• **The data**
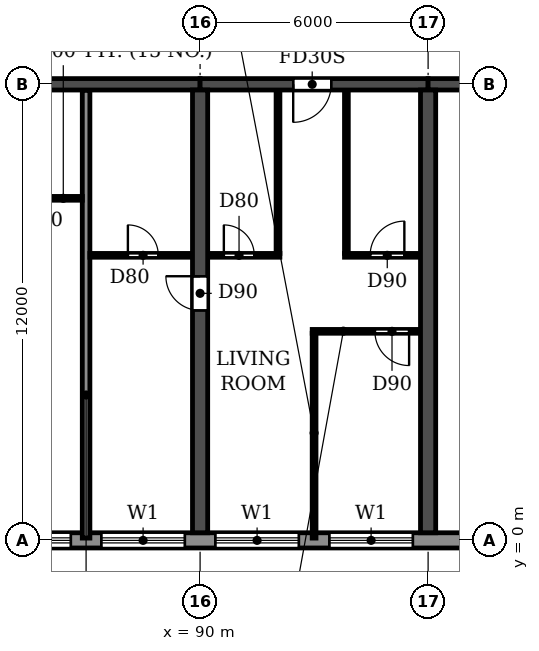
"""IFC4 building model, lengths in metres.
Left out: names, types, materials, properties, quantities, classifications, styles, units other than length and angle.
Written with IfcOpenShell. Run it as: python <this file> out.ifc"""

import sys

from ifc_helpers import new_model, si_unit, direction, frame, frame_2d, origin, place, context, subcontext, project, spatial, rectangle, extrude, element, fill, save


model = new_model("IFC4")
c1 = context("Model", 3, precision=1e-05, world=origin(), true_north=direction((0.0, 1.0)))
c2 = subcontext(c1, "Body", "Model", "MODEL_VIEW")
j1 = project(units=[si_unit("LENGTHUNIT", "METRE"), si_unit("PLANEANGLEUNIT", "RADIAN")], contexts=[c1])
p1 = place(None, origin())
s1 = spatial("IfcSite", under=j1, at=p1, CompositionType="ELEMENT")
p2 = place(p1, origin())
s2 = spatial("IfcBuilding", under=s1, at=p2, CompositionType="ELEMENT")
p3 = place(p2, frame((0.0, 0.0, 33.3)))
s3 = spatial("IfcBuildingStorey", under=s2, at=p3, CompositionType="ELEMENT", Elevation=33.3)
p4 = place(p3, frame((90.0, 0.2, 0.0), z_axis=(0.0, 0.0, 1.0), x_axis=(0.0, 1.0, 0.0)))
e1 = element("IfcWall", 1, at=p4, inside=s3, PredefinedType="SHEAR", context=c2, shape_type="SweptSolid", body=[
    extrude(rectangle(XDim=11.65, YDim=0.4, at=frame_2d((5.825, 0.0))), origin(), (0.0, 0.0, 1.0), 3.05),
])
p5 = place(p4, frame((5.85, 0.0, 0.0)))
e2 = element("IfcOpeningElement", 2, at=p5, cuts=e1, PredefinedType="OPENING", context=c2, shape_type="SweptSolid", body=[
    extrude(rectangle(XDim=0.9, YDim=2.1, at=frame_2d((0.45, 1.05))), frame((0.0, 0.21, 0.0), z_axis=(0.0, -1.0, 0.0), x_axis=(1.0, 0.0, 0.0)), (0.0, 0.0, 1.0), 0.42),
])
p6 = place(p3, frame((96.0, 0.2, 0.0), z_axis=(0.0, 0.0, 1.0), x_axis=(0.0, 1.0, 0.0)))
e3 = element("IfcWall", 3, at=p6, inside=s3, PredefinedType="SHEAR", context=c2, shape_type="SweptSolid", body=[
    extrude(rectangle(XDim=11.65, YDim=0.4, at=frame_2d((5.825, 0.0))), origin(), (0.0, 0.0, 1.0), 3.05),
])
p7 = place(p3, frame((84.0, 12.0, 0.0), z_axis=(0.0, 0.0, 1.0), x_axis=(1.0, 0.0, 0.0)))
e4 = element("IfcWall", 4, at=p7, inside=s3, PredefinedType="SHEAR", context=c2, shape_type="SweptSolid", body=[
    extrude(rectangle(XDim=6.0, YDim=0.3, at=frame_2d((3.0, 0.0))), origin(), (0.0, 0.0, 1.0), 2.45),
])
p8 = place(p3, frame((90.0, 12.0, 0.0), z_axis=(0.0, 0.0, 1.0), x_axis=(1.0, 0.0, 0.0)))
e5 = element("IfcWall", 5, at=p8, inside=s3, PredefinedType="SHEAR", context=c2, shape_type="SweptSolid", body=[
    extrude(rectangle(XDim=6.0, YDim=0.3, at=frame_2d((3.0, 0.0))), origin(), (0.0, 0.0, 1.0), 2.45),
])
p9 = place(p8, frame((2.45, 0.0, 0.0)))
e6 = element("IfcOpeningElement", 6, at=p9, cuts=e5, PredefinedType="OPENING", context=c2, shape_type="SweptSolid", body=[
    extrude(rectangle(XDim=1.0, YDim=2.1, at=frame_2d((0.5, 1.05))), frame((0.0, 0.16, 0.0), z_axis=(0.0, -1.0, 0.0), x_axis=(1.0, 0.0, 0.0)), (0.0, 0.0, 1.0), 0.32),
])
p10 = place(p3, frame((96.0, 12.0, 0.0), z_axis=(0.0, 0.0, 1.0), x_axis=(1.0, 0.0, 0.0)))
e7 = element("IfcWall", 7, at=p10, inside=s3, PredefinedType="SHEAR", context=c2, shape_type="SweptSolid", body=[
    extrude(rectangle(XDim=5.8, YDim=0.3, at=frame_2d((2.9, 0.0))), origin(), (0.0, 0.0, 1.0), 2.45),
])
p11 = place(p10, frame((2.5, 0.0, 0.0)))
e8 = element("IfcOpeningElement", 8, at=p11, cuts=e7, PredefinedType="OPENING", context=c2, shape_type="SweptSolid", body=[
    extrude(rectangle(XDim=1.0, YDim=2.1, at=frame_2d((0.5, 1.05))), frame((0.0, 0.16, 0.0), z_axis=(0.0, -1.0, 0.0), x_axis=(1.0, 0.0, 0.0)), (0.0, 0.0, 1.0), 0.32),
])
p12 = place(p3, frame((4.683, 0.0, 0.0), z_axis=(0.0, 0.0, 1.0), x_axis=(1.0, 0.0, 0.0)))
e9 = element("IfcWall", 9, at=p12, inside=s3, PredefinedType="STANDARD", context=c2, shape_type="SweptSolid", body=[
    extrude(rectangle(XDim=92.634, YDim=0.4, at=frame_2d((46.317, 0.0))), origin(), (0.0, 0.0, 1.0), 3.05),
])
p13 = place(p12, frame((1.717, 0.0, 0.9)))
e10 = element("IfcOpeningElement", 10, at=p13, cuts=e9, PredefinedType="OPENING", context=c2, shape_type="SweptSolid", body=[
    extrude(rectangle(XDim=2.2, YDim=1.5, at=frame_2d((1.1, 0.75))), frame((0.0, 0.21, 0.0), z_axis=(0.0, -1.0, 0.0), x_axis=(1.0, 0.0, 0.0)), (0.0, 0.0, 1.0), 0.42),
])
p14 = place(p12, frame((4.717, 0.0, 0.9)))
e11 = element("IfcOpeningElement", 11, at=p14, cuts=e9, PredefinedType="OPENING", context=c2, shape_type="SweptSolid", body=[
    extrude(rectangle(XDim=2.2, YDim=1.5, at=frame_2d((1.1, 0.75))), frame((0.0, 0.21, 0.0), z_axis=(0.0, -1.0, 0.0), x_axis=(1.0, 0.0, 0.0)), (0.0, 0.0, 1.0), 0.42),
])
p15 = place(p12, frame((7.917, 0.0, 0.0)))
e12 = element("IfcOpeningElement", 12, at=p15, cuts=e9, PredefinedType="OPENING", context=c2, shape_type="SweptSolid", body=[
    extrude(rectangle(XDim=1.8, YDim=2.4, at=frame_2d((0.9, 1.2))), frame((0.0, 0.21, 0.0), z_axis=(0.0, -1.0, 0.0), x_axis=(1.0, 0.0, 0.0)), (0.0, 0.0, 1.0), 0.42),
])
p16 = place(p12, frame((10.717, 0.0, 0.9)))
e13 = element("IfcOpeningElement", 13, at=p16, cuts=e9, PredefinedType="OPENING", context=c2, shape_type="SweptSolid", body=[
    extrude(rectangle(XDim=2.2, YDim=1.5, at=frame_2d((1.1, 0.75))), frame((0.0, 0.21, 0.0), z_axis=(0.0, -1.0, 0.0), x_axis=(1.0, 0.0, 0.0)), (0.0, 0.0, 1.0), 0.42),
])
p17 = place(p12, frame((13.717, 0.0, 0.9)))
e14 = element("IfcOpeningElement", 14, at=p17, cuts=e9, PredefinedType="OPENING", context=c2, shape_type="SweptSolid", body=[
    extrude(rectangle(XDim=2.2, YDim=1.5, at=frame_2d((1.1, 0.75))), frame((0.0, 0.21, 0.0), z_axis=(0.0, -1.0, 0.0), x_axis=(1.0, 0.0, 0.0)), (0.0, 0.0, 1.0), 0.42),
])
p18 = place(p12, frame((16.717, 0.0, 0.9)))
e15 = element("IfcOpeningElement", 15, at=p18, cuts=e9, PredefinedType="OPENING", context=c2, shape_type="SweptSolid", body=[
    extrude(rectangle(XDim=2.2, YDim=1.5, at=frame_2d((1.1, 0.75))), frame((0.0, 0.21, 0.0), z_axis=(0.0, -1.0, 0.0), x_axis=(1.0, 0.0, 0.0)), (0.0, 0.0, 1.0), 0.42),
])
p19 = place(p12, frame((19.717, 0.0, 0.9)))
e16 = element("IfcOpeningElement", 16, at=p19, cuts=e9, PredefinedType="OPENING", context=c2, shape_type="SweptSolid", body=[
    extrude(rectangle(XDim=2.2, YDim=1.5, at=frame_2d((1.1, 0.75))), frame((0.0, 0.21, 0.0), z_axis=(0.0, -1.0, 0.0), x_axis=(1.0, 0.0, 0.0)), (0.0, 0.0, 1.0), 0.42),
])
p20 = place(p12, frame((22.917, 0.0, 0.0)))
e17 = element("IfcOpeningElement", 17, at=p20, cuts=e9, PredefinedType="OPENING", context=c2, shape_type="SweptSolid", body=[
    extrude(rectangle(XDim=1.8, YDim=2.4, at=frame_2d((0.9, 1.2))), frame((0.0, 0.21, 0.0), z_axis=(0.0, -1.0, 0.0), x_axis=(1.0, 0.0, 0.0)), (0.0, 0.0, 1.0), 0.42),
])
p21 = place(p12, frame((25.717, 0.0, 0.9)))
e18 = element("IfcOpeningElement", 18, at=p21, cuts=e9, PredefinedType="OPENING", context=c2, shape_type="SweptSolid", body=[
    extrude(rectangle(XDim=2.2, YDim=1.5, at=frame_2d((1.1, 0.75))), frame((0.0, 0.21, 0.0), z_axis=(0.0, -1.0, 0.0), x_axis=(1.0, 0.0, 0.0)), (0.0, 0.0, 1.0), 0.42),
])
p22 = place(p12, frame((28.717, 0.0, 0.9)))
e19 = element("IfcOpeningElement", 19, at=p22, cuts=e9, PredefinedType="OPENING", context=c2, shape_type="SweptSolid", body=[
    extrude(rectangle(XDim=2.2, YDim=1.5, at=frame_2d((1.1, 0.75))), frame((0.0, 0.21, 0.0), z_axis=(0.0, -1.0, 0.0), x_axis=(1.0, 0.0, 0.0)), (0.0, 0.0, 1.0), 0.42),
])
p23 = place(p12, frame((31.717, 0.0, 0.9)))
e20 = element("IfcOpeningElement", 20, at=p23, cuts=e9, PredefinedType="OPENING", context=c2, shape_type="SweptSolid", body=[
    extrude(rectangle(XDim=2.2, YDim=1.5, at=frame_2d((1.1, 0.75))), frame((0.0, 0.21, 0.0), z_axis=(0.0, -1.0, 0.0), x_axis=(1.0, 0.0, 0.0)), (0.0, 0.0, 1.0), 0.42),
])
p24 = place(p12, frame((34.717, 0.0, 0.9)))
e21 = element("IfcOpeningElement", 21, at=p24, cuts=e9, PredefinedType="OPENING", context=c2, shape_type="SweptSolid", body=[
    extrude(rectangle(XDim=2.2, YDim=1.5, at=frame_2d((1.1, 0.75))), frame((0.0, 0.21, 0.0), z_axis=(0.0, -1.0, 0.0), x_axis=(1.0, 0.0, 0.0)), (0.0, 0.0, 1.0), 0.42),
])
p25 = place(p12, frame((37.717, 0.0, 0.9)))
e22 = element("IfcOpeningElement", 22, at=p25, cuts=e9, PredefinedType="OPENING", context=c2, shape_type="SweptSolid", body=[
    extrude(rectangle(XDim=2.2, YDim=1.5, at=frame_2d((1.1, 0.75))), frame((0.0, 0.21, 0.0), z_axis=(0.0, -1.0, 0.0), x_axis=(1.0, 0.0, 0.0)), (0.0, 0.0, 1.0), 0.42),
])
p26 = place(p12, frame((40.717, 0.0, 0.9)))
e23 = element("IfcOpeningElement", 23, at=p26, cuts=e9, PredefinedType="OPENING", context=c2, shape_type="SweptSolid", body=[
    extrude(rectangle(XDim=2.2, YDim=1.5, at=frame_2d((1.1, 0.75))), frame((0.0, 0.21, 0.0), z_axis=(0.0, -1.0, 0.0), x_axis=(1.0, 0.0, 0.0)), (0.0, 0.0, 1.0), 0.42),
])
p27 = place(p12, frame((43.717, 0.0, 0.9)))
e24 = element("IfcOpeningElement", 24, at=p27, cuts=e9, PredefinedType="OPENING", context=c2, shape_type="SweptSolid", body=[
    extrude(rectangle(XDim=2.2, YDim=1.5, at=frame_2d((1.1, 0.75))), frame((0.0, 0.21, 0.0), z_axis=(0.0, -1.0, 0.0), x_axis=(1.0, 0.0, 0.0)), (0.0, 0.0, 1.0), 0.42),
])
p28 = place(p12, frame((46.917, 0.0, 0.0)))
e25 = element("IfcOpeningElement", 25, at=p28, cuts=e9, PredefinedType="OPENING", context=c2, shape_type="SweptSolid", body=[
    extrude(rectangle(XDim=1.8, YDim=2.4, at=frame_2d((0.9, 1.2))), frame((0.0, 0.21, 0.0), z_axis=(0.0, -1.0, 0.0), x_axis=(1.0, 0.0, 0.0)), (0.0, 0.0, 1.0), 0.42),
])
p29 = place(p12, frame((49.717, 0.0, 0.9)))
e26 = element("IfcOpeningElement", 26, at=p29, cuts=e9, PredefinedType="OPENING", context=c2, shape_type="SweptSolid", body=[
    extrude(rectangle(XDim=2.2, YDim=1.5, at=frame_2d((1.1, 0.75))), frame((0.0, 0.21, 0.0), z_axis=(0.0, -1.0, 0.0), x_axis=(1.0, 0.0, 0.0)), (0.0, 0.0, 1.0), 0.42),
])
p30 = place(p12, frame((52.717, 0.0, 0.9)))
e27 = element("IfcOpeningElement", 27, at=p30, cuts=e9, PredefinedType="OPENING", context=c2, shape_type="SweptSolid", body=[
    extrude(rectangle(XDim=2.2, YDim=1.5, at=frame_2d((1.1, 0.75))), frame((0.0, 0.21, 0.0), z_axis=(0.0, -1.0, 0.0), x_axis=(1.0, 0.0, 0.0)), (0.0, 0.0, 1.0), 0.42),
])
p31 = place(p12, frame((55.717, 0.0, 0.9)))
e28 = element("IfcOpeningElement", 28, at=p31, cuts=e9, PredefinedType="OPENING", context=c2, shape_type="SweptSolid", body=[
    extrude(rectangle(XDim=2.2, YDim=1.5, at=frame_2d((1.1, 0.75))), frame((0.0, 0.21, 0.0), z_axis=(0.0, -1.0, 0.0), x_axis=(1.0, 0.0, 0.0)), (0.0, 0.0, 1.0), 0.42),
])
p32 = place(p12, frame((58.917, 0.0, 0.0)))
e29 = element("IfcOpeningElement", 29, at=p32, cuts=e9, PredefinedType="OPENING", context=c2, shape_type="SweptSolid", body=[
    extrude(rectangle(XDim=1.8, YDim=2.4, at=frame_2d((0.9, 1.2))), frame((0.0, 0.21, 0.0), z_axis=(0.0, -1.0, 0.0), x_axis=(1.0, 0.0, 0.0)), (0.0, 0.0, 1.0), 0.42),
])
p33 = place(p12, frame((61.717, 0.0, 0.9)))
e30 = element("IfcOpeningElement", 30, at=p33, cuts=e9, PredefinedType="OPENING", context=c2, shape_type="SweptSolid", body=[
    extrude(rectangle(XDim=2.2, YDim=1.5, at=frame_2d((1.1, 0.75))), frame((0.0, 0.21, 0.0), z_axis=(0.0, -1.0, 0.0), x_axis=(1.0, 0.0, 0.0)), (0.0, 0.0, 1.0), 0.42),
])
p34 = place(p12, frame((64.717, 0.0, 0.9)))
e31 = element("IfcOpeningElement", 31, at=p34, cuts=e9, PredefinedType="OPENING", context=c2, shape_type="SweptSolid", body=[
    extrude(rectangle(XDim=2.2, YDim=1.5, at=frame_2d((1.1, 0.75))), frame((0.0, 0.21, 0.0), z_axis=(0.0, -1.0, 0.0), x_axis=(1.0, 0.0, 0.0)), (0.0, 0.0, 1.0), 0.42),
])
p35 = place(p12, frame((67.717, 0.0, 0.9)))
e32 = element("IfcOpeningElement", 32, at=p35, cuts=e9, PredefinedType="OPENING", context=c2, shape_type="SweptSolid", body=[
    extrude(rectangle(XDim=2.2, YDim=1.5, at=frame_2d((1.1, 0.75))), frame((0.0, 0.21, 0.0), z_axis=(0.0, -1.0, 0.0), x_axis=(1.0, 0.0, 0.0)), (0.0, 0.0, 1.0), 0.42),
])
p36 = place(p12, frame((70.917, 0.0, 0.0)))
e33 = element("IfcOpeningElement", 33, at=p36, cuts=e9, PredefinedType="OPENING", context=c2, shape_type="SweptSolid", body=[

• **Exercise aim**
Filter the entries above down to the lines that contain "CompositionType".

• **Solution to the problem**
s1 = spatial("IfcSite", under=j1, at=p1, CompositionType="ELEMENT")
s2 = spatial("IfcBuilding", under=s1, at=p2, CompositionType="ELEMENT")
s3 = spatial("IfcBuildingStorey", under=s2, at=p3, CompositionType="ELEMENT", Elevation=33.3)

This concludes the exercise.